*** Opening Data for review ***

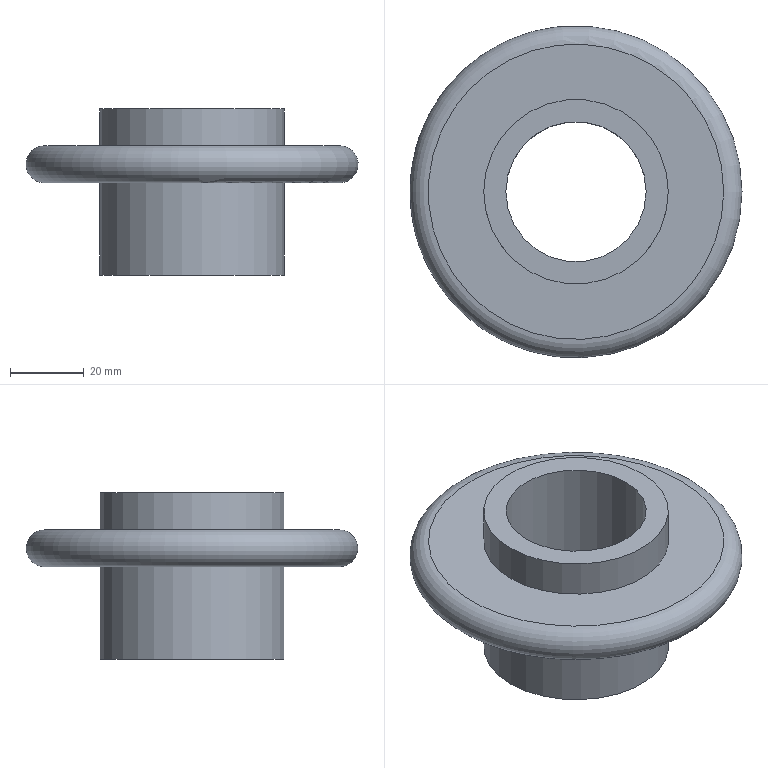Component | NX | NUT | 1 solid | 8 faces | box 90 x 90 x 45 mm | volume 78346 mm3 | plane 4 | cylinder 3 | torus 1 | commonest cylinder face diameters 50 x2 38 x1
STEP:
#1=CARTESIAN_POINT('',(0.,0.,0.));
#2=DIRECTION('',(0.,0.,1.));
#3=DIRECTION('',(1.,0.,0.));
#4=AXIS2_PLACEMENT_3D('',#1,#2,#3);
#5=CARTESIAN_POINT('',(-19.,240.,160.));
#6=VERTEX_POINT('',#5);
#7=CARTESIAN_POINT('',(0.,240.,160.));
#8=DIRECTION('',(0.,0.,-1.));
#9=DIRECTION('',(-1.,0.,0.));
#10=AXIS2_PLACEMENT_3D('',#7,#8,#9);
#11=CIRCLE('',#10,19.);
#12=CARTESIAN_POINT('',(0.,240.,160.));
#13=DIRECTION('',(0.,0.,-1.));
#14=DIRECTION('',(-1.,0.,0.));
#15=AXIS2_PLACEMENT_3D('',#12,#13,#14);
#16=CYLINDRICAL_SURFACE('',#15,19.);
#17=CARTESIAN_POINT('',(0.,0.));
#18=DIRECTION('',(1.,0.));
#19=VECTOR('',#18,1.);
#20=LINE('',#17,#19);
#21=(GEOMETRIC_REPRESENTATION_CONTEXT(2)PARAMETRIC_REPRESENTATION_CONTEXT()REPRESENTATION_CONTEXT('',''));
#22=DEFINITIONAL_REPRESENTATION('',(#20),#21);
#23=PCURVE('',#16,#22);
#24=CARTESIAN_POINT('',(0.,259.,160.));
#25=DIRECTION('',(0.,0.,-1.));
#26=DIRECTION('',(-1.,0.,0.));
#27=AXIS2_PLACEMENT_3D('',#24,#25,#26);
#28=PLANE('',#27);
#29=CARTESIAN_POINT('',(0.,-19.));
#30=DIRECTION('',(1.,0.));
#31=AXIS2_PLACEMENT_2D('',#29,#30);
#32=CIRCLE('',#31,19.);
#33=(GEOMETRIC_REPRESENTATION_CONTEXT(2)PARAMETRIC_REPRESENTATION_CONTEXT()REPRESENTATION_CONTEXT('',''));
#34=DEFINITIONAL_REPRESENTATION('',(#32),#33);
#35=PCURVE('',#28,#34);
#36=SURFACE_CURVE('',#11,(#23,#35),.PCURVE_S1.);
#37=EDGE_CURVE('',#6,#6,#36,.T.);
#38=ORIENTED_EDGE('',*,*,#37,.F.);
#39=CARTESIAN_POINT('',(-19.,240.,205.));
#40=VERTEX_POINT('',#39);
#41=CARTESIAN_POINT('',(-19.,240.,205.));
#42=CARTESIAN_POINT('',(-19.,240.,160.));
#43=B_SPLINE_CURVE_WITH_KNOTS('',1,(#41,#42),.UNSPECIFIED.,.F.,.F.,(2,2),(-45.,0.),.PIECEWISE_BEZIER_KNOTS.);
#44=CARTESIAN_POINT('',(0.,0.));
#45=DIRECTION('',(0.,1.));
#46=VECTOR('',#45,1.);
#47=LINE('',#44,#46);
#48=(GEOMETRIC_REPRESENTATION_CONTEXT(2)PARAMETRIC_REPRESENTATION_CONTEXT()REPRESENTATION_CONTEXT('',''));
#49=DEFINITIONAL_REPRESENTATION('',(#47),#48);
#50=PCURVE('',#16,#49);
#51=CARTESIAN_POINT('',(6.283,0.));
#52=DIRECTION('',(0.,1.));
#53=VECTOR('',#52,1.);
#54=LINE('',#51,#53);
#55=(GEOMETRIC_REPRESENTATION_CONTEXT(2)PARAMETRIC_REPRESENTATION_CONTEXT()REPRESENTATION_CONTEXT('',''));
#56=DEFINITIONAL_REPRESENTATION('',(#54),#55);
#57=PCURVE('',#16,#56);
#58=SEAM_CURVE('',#43,(#50,#57),.PCURVE_S1.);
#59=EDGE_CURVE('',#40,#6,#58,.T.);
#60=ORIENTED_EDGE('',*,*,#59,.F.);
#61=CARTESIAN_POINT('',(0.,240.,205.));
#62=DIRECTION('',(0.,0.,-1.));
#63=DIRECTION('',(-1.,0.,0.));
#64=AXIS2_PLACEMENT_3D('',#61,#62,#63);
#65=CIRCLE('',#64,19.);
#66=CARTESIAN_POINT('',(0.,-45.));
#67=DIRECTION('',(1.,0.));
#68=VECTOR('',#67,1.);
#69=LINE('',#66,#68);
#70=(GEOMETRIC_REPRESENTATION_CONTEXT(2)PARAMETRIC_REPRESENTATION_CONTEXT()REPRESENTATION_CONTEXT('',''));
#71=DEFINITIONAL_REPRESENTATION('',(#69),#70);
#72=PCURVE('',#16,#71);
#73=CARTESIAN_POINT('',(0.,265.,205.));
#74=DIRECTION('',(0.,0.,1.));
#75=DIRECTION('',(1.,0.,0.));
#76=AXIS2_PLACEMENT_3D('',#73,#74,#75);
#77=PLANE('',#76);
#78=CARTESIAN_POINT('',(-19.,-25.));
#79=CARTESIAN_POINT('',(-19.,7.909));
#80=CARTESIAN_POINT('',(9.5,-8.546));
#81=CARTESIAN_POINT('',(38.,-25.));
#82=CARTESIAN_POINT('',(9.5,-41.454));
#83=CARTESIAN_POINT('',(-19.,-57.909));
#84=CARTESIAN_POINT('',(-19.,-25.));
#85=(BOUNDED_CURVE()B_SPLINE_CURVE(2,(#78,#79,#80,#81,#82,#83,#84),.UNSPECIFIED.,.T.,.F.)B_SPLINE_CURVE_WITH_KNOTS((1,2,2,2,2,1),(-2.094,0.,2.094,4.189,6.283,8.378),.UNSPECIFIED.)CURVE()GEOMETRIC_REPRESENTATION_ITEM()RATIONAL_B_SPLINE_CURVE((1.,0.5,1.,0.5,1.,0.5,1.))REPRESENTATION_ITEM(''));
#86=(GEOMETRIC_REPRESENTATION_CONTEXT(2)PARAMETRIC_REPRESENTATION_CONTEXT()REPRESENTATION_CONTEXT('',''));
#87=DEFINITIONAL_REPRESENTATION('',(#85),#86);
#88=PCURVE('',#77,#87);
#89=SURFACE_CURVE('',#65,(#72,#88),.PCURVE_S1.);
#90=EDGE_CURVE('',#40,#40,#89,.T.);
#91=ORIENTED_EDGE('',*,*,#90,.T.);
#92=ORIENTED_EDGE('',*,*,#59,.T.);
#93=EDGE_LOOP('',(#38,#60,#91,#92));
#94=FACE_BOUND('',#93,.F.);
#95=ADVANCED_FACE('',(#94),#16,.F.);
#96=CARTESIAN_POINT('',(-25.,240.,160.));
#97=VERTEX_POINT('',#96);
#98=CARTESIAN_POINT('',(0.,240.,160.));
#99=DIRECTION('',(0.,0.,-1.));
#100=DIRECTION('',(-1.,0.,0.));
#101=AXIS2_PLACEMENT_3D('',#98,#99,#100);
#102=CIRCLE('',#101,25.);
#103=CARTESIAN_POINT('',(0.,-19.));
#104=DIRECTION('',(1.,0.));
#105=AXIS2_PLACEMENT_2D('',#103,#104);
#106=CIRCLE('',#105,25.);
#107=(GEOMETRIC_REPRESENTATION_CONTEXT(2)PARAMETRIC_REPRESENTATION_CONTEXT()REPRESENTATION_CONTEXT('',''));
#108=DEFINITIONAL_REPRESENTATION('',(#106),#107);
#109=PCURVE('',#28,#108);
#110=CARTESIAN_POINT('',(0.,240.,160.));
#111=DIRECTION('',(0.,0.,-1.));
#112=DIRECTION('',(-1.,0.,0.));
#113=AXIS2_PLACEMENT_3D('',#110,#111,#112);
#114=CYLINDRICAL_SURFACE('',#113,25.);
#115=CARTESIAN_POINT('',(0.,0.));
#116=DIRECTION('',(1.,0.));
#117=VECTOR('',#116,1.);
#118=LINE('',#115,#117);
#119=(GEOMETRIC_REPRESENTATION_CONTEXT(2)PARAMETRIC_REPRESENTATION_CONTEXT()REPRESENTATION_CONTEXT('',''));
#120=DEFINITIONAL_REPRESENTATION('',(#118),#119);
#121=PCURVE('',#114,#120);
#122=SURFACE_CURVE('',#102,(#109,#121),.PCURVE_S1.);
#123=EDGE_CURVE('',#97,#97,#122,.T.);
#124=ORIENTED_EDGE('',*,*,#123,.T.);
#125=EDGE_LOOP('',(#124));
#126=FACE_BOUND('',#125,.T.);
#127=ORIENTED_EDGE('',*,*,#37,.F.);
#128=EDGE_LOOP('',(#127));
#129=FACE_BOUND('',#128,.T.);
#130=ADVANCED_FACE('',(#126,#129),#28,.T.);
#131=CARTESIAN_POINT('',(-25.,240.,185.));
#132=VERTEX_POINT('',#131);
#133=CARTESIAN_POINT('',(0.,240.,185.));
#134=DIRECTION('',(0.,0.,-1.));
#135=DIRECTION('',(-1.,0.,0.));
#136=AXIS2_PLACEMENT_3D('',#133,#134,#135);
#137=CIRCLE('',#136,25.);
#138=CARTESIAN_POINT('',(0.,-25.));
#139=DIRECTION('',(1.,0.));
#140=VECTOR('',#139,1.);
#141=LINE('',#138,#140);
#142=(GEOMETRIC_REPRESENTATION_CONTEXT(2)PARAMETRIC_REPRESENTATION_CONTEXT()REPRESENTATION_CONTEXT('',''));
#143=DEFINITIONAL_REPRESENTATION('',(#141),#142);
#144=PCURVE('',#114,#143);
#145=CARTESIAN_POINT('',(0.,265.,185.));
#146=DIRECTION('',(0.,0.,-1.));
#147=DIRECTION('',(-1.,0.,0.));
#148=AXIS2_PLACEMENT_3D('',#145,#146,#147);
#149=PLANE('',#148);
#150=CARTESIAN_POINT('',(0.,-25.));
#151=DIRECTION('',(1.,0.));
#152=AXIS2_PLACEMENT_2D('',#150,#151);
#153=CIRCLE('',#152,25.);
#154=(GEOMETRIC_REPRESENTATION_CONTEXT(2)PARAMETRIC_REPRESENTATION_CONTEXT()REPRESENTATION_CONTEXT('',''));
#155=DEFINITIONAL_REPRESENTATION('',(#153),#154);
#156=PCURVE('',#149,#155);
#157=SURFACE_CURVE('',#137,(#144,#156),.PCURVE_S1.);
#158=EDGE_CURVE('',#132,#132,#157,.T.);
#159=ORIENTED_EDGE('',*,*,#158,.T.);
#160=CARTESIAN_POINT('',(-25.,240.,185.));
#161=CARTESIAN_POINT('',(-25.,240.,160.));
#162=B_SPLINE_CURVE_WITH_KNOTS('',1,(#160,#161),.UNSPECIFIED.,.F.,.F.,(2,2),(-25.,0.),.PIECEWISE_BEZIER_KNOTS.);
#163=CARTESIAN_POINT('',(6.283,0.));
#164=DIRECTION('',(0.,1.));
#165=VECTOR('',#164,1.);
#166=LINE('',#163,#165);
#167=(GEOMETRIC_REPRESENTATION_CONTEXT(2)PARAMETRIC_REPRESENTATION_CONTEXT()REPRESENTATION_CONTEXT('',''));
#168=DEFINITIONAL_REPRESENTATION('',(#166),#167);
#169=PCURVE('',#114,#168);
#170=CARTESIAN_POINT('',(0.,0.));
#171=DIRECTION('',(0.,1.));
#172=VECTOR('',#171,1.);
#173=LINE('',#170,#172);
#174=(GEOMETRIC_REPRESENTATION_CONTEXT(2)PARAMETRIC_REPRESENTATION_CONTEXT()REPRESENTATION_CONTEXT('',''));
#175=DEFINITIONAL_REPRESENTATION('',(#173),#174);
#176=PCURVE('',#114,#175);
#177=SEAM_CURVE('',#162,(#169,#176),.PCURVE_S1.);
#178=EDGE_CURVE('',#132,#97,#177,.T.);
#179=ORIENTED_EDGE('',*,*,#178,.T.);
#180=ORIENTED_EDGE('',*,*,#123,.F.);
#181=ORIENTED_EDGE('',*,*,#178,.F.);
#182=EDGE_LOOP('',(#159,#179,#180,#181));
#183=FACE_BOUND('',#182,.T.);
#184=ADVANCED_FACE('',(#183),#114,.T.);
#185=CARTESIAN_POINT('',(-40.,240.,185.));
#186=VERTEX_POINT('',#185);
#187=CARTESIAN_POINT('',(40.,240.,185.));
#188=VERTEX_POINT('',#187);
#189=CARTESIAN_POINT('',(0.,240.,185.));
#190=DIRECTION('',(0.,0.,-1.));
#191=DIRECTION('',(-1.,0.,0.));
#192=AXIS2_PLACEMENT_3D('',#189,#190,#191);
#193=CIRCLE('',#192,40.);
#194=CARTESIAN_POINT('',(0.,-25.));
#195=DIRECTION('',(1.,0.));
#196=AXIS2_PLACEMENT_2D('',#194,#195);
#197=CIRCLE('',#196,40.);
#198=(GEOMETRIC_REPRESENTATION_CONTEXT(2)PARAMETRIC_REPRESENTATION_CONTEXT()REPRESENTATION_CONTEXT('',''));
#199=DEFINITIONAL_REPRESENTATION('',(#197),#198);
#200=PCURVE('',#149,#199);
#201=CARTESIAN_POINT('',(0.,240.,190.));
#202=DIRECTION('',(0.,0.,1.));
#203=DIRECTION('',(1.,0.,0.));
#204=AXIS2_PLACEMENT_3D('',#201,#202,#203);
#205=TOROIDAL_SURFACE('',#204,40.,5.);
#206=CARTESIAN_POINT('',(3.142,4.712));
#207=DIRECTION('',(-1.,0.));
#208=VECTOR('',#207,1.);
#209=LINE('',#206,#208);
#210=(GEOMETRIC_REPRESENTATION_CONTEXT(2)PARAMETRIC_REPRESENTATION_CONTEXT()REPRESENTATION_CONTEXT('',''));
#211=DEFINITIONAL_REPRESENTATION('',(#209),#210);
#212=PCURVE('',#205,#211);
#213=SURFACE_CURVE('',#193,(#200,#212),.PCURVE_S1.);
#214=EDGE_CURVE('',#186,#188,#213,.T.);
#215=ORIENTED_EDGE('',*,*,#214,.T.);
#216=CARTESIAN_POINT('',(0.,240.,185.));
#217=DIRECTION('',(0.,0.,-1.));
#218=DIRECTION('',(-1.,0.,0.));
#219=AXIS2_PLACEMENT_3D('',#216,#217,#218);
#220=CIRCLE('',#219,40.);
#221=CARTESIAN_POINT('',(0.,-25.));
#222=DIRECTION('',(1.,0.));
#223=AXIS2_PLACEMENT_2D('',#221,#222);
#224=CIRCLE('',#223,40.);
#225=(GEOMETRIC_REPRESENTATION_CONTEXT(2)PARAMETRIC_REPRESENTATION_CONTEXT()REPRESENTATION_CONTEXT('',''));
#226=DEFINITIONAL_REPRESENTATION('',(#224),#225);
#227=PCURVE('',#149,#226);
#228=CARTESIAN_POINT('',(9.425,4.712));
#229=DIRECTION('',(-1.,0.));
#230=VECTOR('',#229,1.);
#231=LINE('',#228,#230);
#232=(GEOMETRIC_REPRESENTATION_CONTEXT(2)PARAMETRIC_REPRESENTATION_CONTEXT()REPRESENTATION_CONTEXT('',''));
#233=DEFINITIONAL_REPRESENTATION('',(#231),#232);
#234=PCURVE('',#205,#233);
#235=SURFACE_CURVE('',#220,(#227,#234),.PCURVE_S1.);
#236=EDGE_CURVE('',#188,#186,#235,.T.);
#237=ORIENTED_EDGE('',*,*,#236,.T.);
#238=EDGE_LOOP('',(#215,#237));
#239=FACE_BOUND('',#238,.T.);
#240=ORIENTED_EDGE('',*,*,#158,.F.);
#241=EDGE_LOOP('',(#240));
#242=FACE_BOUND('',#241,.T.);
#243=ADVANCED_FACE('',(#239,#242),#149,.T.);
#244=CARTESIAN_POINT('',(40.,240.,195.));
#245=VERTEX_POINT('',#244);
#246=CARTESIAN_POINT('',(0.,240.,195.));
#247=DIRECTION('',(0.,0.,1.));
#248=DIRECTION('',(1.,0.,0.));
#249=AXIS2_PLACEMENT_3D('',#246,#247,#248);
#250=CIRCLE('',#249,40.);
#251=CARTESIAN_POINT('',(0.,285.,195.));
#252=DIRECTION('',(0.,0.,1.));
#253=DIRECTION('',(1.,0.,0.));
#254=AXIS2_PLACEMENT_3D('',#251,#252,#253);
#255=PLANE('',#254);
#256=CARTESIAN_POINT('',(0.,-45.));
#257=DIRECTION('',(1.,0.));
#258=AXIS2_PLACEMENT_2D('',#256,#257);
#259=CIRCLE('',#258,40.);
#260=(GEOMETRIC_REPRESENTATION_CONTEXT(2)PARAMETRIC_REPRESENTATION_CONTEXT()REPRESENTATION_CONTEXT('',''));
#261=DEFINITIONAL_REPRESENTATION('',(#259),#260);
#262=PCURVE('',#255,#261);
#263=CARTESIAN_POINT('',(0.,7.854));
#264=DIRECTION('',(1.,0.));
#265=VECTOR('',#264,1.);
#266=LINE('',#263,#265);
#267=(GEOMETRIC_REPRESENTATION_CONTEXT(2)PARAMETRIC_REPRESENTATION_CONTEXT()REPRESENTATION_CONTEXT('',''));
#268=DEFINITIONAL_REPRESENTATION('',(#266),#267);
#269=PCURVE('',#205,#268);
#270=SURFACE_CURVE('',#250,(#262,#269),.PCURVE_S1.);
#271=EDGE_CURVE('',#245,#245,#270,.T.);
#272=ORIENTED_EDGE('',*,*,#271,.T.);
#273=EDGE_LOOP('',(#272));
#274=FACE_BOUND('',#273,.T.);
#275=CARTESIAN_POINT('',(-25.,240.,195.));
#276=VERTEX_POINT('',#275);
#277=CARTESIAN_POINT('',(0.,240.,195.));
#278=DIRECTION('',(0.,0.,-1.));
#279=DIRECTION('',(-1.,0.,0.));
#280=AXIS2_PLACEMENT_3D('',#277,#278,#279);
#281=CIRCLE('',#280,25.);
#282=CARTESIAN_POINT('',(-25.,-45.));
#283=CARTESIAN_POINT('',(-25.,-1.699));
#284=CARTESIAN_POINT('',(12.5,-23.349));
#285=CARTESIAN_POINT('',(50.,-45.));
#286=CARTESIAN_POINT('',(12.5,-66.651));
#287=CARTESIAN_POINT('',(-25.,-88.301));
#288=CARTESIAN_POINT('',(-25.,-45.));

*** Closing Data for review ***

**Work to complete**
Transcribe the records above from the line holding "#90=EDGE_CURVE('',#40,#40,#89,.T.);" down to the line holding "#151=DIRECTION('',(1.,0.));", inclusive, without adding anything.

**Solution for this problem**
#90=EDGE_CURVE('',#40,#40,#89,.T.);
#91=ORIENTED_EDGE('',*,*,#90,.T.);
#92=ORIENTED_EDGE('',*,*,#59,.T.);
#93=EDGE_LOOP('',(#38,#60,#91,#92));
#94=FACE_BOUND('',#93,.F.);
#95=ADVANCED_FACE('',(#94),#16,.F.);
#96=CARTESIAN_POINT('',(-25.,240.,160.));
#97=VERTEX_POINT('',#96);
#98=CARTESIAN_POINT('',(0.,240.,160.));
#99=DIRECTION('',(0.,0.,-1.));
#100=DIRECTION('',(-1.,0.,0.));
#101=AXIS2_PLACEMENT_3D('',#98,#99,#100);
#102=CIRCLE('',#101,25.);
#103=CARTESIAN_POINT('',(0.,-19.));
#104=DIRECTION('',(1.,0.));
#105=AXIS2_PLACEMENT_2D('',#103,#104);
#106=CIRCLE('',#105,25.);
#107=(GEOMETRIC_REPRESENTATION_CONTEXT(2)PARAMETRIC_REPRESENTATION_CONTEXT()REPRESENTATION_CONTEXT('',''));
#108=DEFINITIONAL_REPRESENTATION('',(#106),#107);
#109=PCURVE('',#28,#108);
#110=CARTESIAN_POINT('',(0.,240.,160.));
#111=DIRECTION('',(0.,0.,-1.));
#112=DIRECTION('',(-1.,0.,0.));
#113=AXIS2_PLACEMENT_3D('',#110,#111,#112);
#114=CYLINDRICAL_SURFACE('',#113,25.);
#115=CARTESIAN_POINT('',(0.,0.));
#116=DIRECTION('',(1.,0.));
#117=VECTOR('',#116,1.);
#118=LINE('',#115,#117);
#119=(GEOMETRIC_REPRESENTATION_CONTEXT(2)PARAMETRIC_REPRESENTATION_CONTEXT()REPRESENTATION_CONTEXT('',''));
#120=DEFINITIONAL_REPRESENTATION('',(#118),#119);
#121=PCURVE('',#114,#120);
#122=SURFACE_CURVE('',#102,(#109,#121),.PCURVE_S1.);
#123=EDGE_CURVE('',#97,#97,#122,.T.);
#124=ORIENTED_EDGE('',*,*,#123,.T.);
#125=EDGE_LOOP('',(#124));
#126=FACE_BOUND('',#125,.T.);
#127=ORIENTED_EDGE('',*,*,#37,.F.);
#128=EDGE_LOOP('',(#127));
#129=FACE_BOUND('',#128,.T.);
#130=ADVANCED_FACE('',(#126,#129),#28,.T.);
#131=CARTESIAN_POINT('',(-25.,240.,185.));
#132=VERTEX_POINT('',#131);
#133=CARTESIAN_POINT('',(0.,240.,185.));
#134=DIRECTION('',(0.,0.,-1.));
#135=DIRECTION('',(-1.,0.,0.));
#136=AXIS2_PLACEMENT_3D('',#133,#134,#135);
#137=CIRCLE('',#136,25.);
#138=CARTESIAN_POINT('',(0.,-25.));
#139=DIRECTION('',(1.,0.));
#140=VECTOR('',#139,1.);
#141=LINE('',#138,#140);
#142=(GEOMETRIC_REPRESENTATION_CONTEXT(2)PARAMETRIC_REPRESENTATION_CONTEXT()REPRESENTATION_CONTEXT('',''));
#143=DEFINITIONAL_REPRESENTATION('',(#141),#142);
#144=PCURVE('',#114,#143);
#145=CARTESIAN_POINT('',(0.,265.,185.));
#146=DIRECTION('',(0.,0.,-1.));
#147=DIRECTION('',(-1.,0.,0.));
#148=AXIS2_PLACEMENT_3D('',#145,#146,#147);
#149=PLANE('',#148);
#150=CARTESIAN_POINT('',(0.,-25.));
#151=DIRECTION('',(1.,0.));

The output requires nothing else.